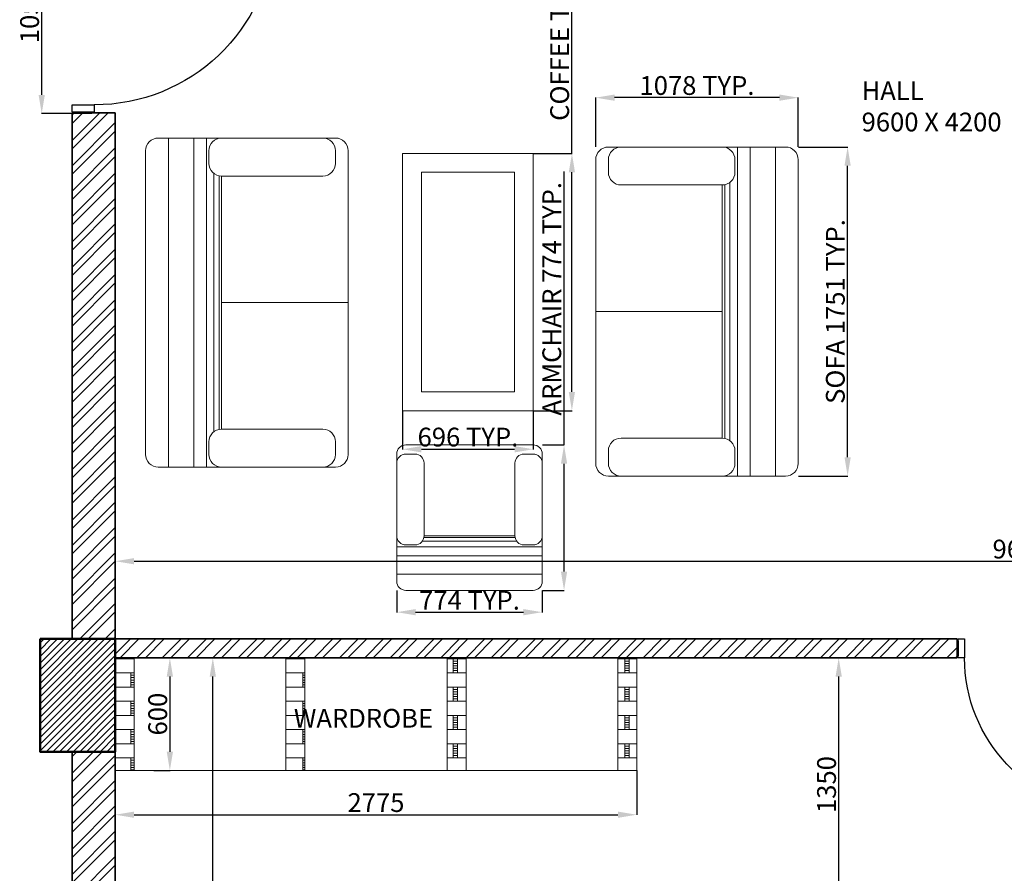
# Model space of a CAD drawing. Units: millimetres. Extents: x -3326 to 29338, y -16792 to 6002.
# Tile 17 of 21: x 17004 to 22244, y -7931 to -3388. Entities that reach past the tile are written whole.
import ezdxf

# ---------------------------------------------------------------- set-up
doc = ezdxf.new("R2010")
doc.units = ezdxf.units.MM
doc.header["$PDMODE"] = 35
doc.header["$PDSIZE"] = 5
for name, color, linetype, lineweight in [('A-ANNO-DIMS', 2, 'Continuous', 13), ('A-AREA-IDEN', 7, 'Continuous', 18), ('A-COLS', 1, 'Continuous', 50), ('A-COLS-PATT', 251, 'Continuous', 13), ('A-DOOR', 3, 'Continuous', 25), ('A-FLOR-CASE', 30, 'Continuous', 18), ('A-FLOR-CASE-PATT', 252, 'Continuous', 13), ('A-WALL', 7, 'Continuous', 35), ('A-WALL-PATT', 252, 'Continuous', 13), ('furn', 28, 'Continuous', 18), ('txt', 7, 'Continuous', 18)]:
    doc.layers.add(name, color=color, linetype=linetype, lineweight=lineweight)
doc.styles.get("Standard").update_dxf_attribs({"font": 'arial.ttf'})
doc.dimstyles.new('ISO-25', dxfattribs={"dimtxt": 100, "dimasz": 100, "dimexe": 1.25, "dimexo": 0.625, "dimtad": 1, "dimtxsty": 'Standard', "dimcen": 2.5, "dimadec": 0, "dimazin": 0, "dimtfac": 1, "dimtmove": 0, "dimatfit": 3, "dimfxl": 1, "dimarcsym": 0})

# ---------------------------------------------------------------- blocks, each defined once
blk = doc.blocks.new('A$C0CE462CD')
for p, q in [((860, 100), (860, 0)), ((860, 0), (893.9, 0))]:
    blk.add_line(p, q)
for points in [[(860, 100), (860, 920), (818.4, 920), (818.4, 100)], [(0, 10), (6.1, 10), (6.1, 90), (0, 90)], [(893.9, 10), (900, 10), (900, 90), (893.9, 90)]]:
    blk.add_lwpolyline(points, close=True)
for points in [[(6.1, 0), (40, 0), (40, 100), (6.1, 100)], [(6.1, 100), (6.1, 0)], [(860, 100), (893.9, 100), (893.9, 0)]]:
    blk.add_lwpolyline(points)
blk.add_arc((859.1, 101.9), 819.1, 92.8508, 180.1309)
blk = doc.blocks.new('sofa-29')
at = {"color": 0, "linetype": 'ByBlock'}
for p, q in [((1.2, 0.8), (0, 0.8)), ((0.6, 0.8), (0.6, 0.3)), ((-0.05, 0.05), (-0.05, 0.75)), ((-0.05, 0.05), (-0.05, 0.75)), ((0, 0.75), (0.05, 0.75)), ((1.2, 0.75), (1.15, 0.75)), ((1.25, 0.05), (1.25, 0.75)), ((0.1, 0.3), (0.1, 0.7)), ((1.1, 0.3), (1.1, 0.7)), ((1.1, 0.29), (0.099, 0.29)), ((1.1, 0.3), (0.1, 0.3)), ((1.25, 0.24), (-0.05, 0.24)), ((0, 0.25), (0.05, 0.25)), ((1.11, 0.27), (0.09, 0.27)), ((1.2, 0.25), (1.15, 0.25)), ((1.25, 0.19), (-0.05, 0.19)), ((1.25, 0.09), (-0.05, 0.09)), ((1.2, 0), (0, 0))]:
    blk.add_line(p, q, dxfattribs=at)
for centre, start, end in [((0, 0.75), 90, 180), ((1.2, 0.75), 0, 90), ((0, 0.7), 90, 180), ((0.05, 0.7), 0, 90), ((1.15, 0.7), 90, 180), ((1.2, 0.7), 0, 90), ((0, 0.3), 180, 270), ((0.05, 0.3), 270, 0), ((1.15, 0.3), 180, 270), ((1.2, 0.3), 270, 0), ((0, 0.05), 180, 270), ((1.2, 0.05), 270, 0)]:
    blk.add_arc(centre, 0.05, start, end, dxfattribs=at)
blk = doc.blocks.new('sofa-30')
at = {"color": 0, "linetype": 'ByBlock'}
for p, q in [((0.7, 0.8), (0, 0.8)), ((-0.05, 0.05), (-0.05, 0.75)), ((-0.05, 0.05), (-0.05, 0.75)), ((0, 0.75), (0.05, 0.75)), ((0.7, 0.75), (0.65, 0.75)), ((0.75, 0.05), (0.75, 0.75)), ((0.1, 0.3), (0.1, 0.7)), ((0.6, 0.3), (0.6, 0.7)), ((0.6, 0.29), (0.099, 0.29)), ((0.6, 0.3), (0.1, 0.3)), ((0.75, 0.24), (-0.05, 0.24)), ((0, 0.25), (0.05, 0.25)), ((0.61, 0.27), (0.09, 0.27)), ((0.7, 0.25), (0.65, 0.25)), ((0.75, 0.19), (-0.05, 0.19)), ((0.75, 0.09), (-0.05, 0.09)), ((0.7, 0), (0, 0))]:
    blk.add_line(p, q, dxfattribs=at)
for centre, start, end in [((0, 0.75), 90, 180), ((0.7, 0.75), 0, 90), ((0, 0.7), 90, 180), ((0.05, 0.7), 0, 90), ((0.65, 0.7), 90, 180), ((0.7, 0.7), 0, 90), ((0, 0.3), 180, 270), ((0.05, 0.3), 270, 0), ((0.65, 0.3), 180, 270), ((0.7, 0.3), 270, 0), ((0, 0.05), 180, 270), ((0.7, 0.05), 270, 0)]:
    blk.add_arc(centre, 0.05, start, end, dxfattribs=at)
blk = doc.blocks.new('*D29')
at = {"layer": 'A-ANNO-DIMS', "color": 0, "lineweight": -2, "transparency": 16777216}
for p, q in [((17512.3, -7384.6), (17512.3, -7620.8)), ((20287.3, -7384.6), (20287.3, -7620.8)), ((17612.3, -7619.5), (20187.3, -7619.5))]:
    blk.add_line(p, q, dxfattribs=at)
at = {"layer": 'A-ANNO-DIMS', "color": 0, "transparency": 16777216}
for points in [[(17612.3, -7602.8), (17612.3, -7636.2), (17512.3, -7619.5)], [(20187.3, -7602.8), (20187.3, -7636.2), (20287.3, -7619.5)]]:
    blk.add_solid(points, dxfattribs=at)
at = {"layer": 'Defpoints', "color": 0, "transparency": 16777216}
for p in [(17512.3, -7384), (20287.3, -7384), (20287.3, -7619.5)]:
    blk.add_point(p, dxfattribs=at)
at = {"layer": 'A-ANNO-DIMS', "color": 0, "transparency": 16777216, "insert": (18899.8, -7567.8), "char_height": 100, "attachment_point": 5}
blk.add_mtext('2775', dxfattribs=at)
blk = doc.blocks.new('*D30')
at = {"layer": 'A-ANNO-DIMS', "color": 0, "lineweight": -2, "transparency": 16777216}
for p, q in [((21362.9, -6784), (21363.6, -6784)), ((21362.3, -8034), (21362.3, -6884)), ((21362.9, -8134), (21363.6, -8134))]:
    blk.add_line(p, q, dxfattribs=at)
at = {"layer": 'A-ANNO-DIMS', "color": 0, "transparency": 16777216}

EXERCISE REQUIREMENTS: Only a number is expected here: the count of lines with the string "name" in the material above.

RESPONSE AREA: 2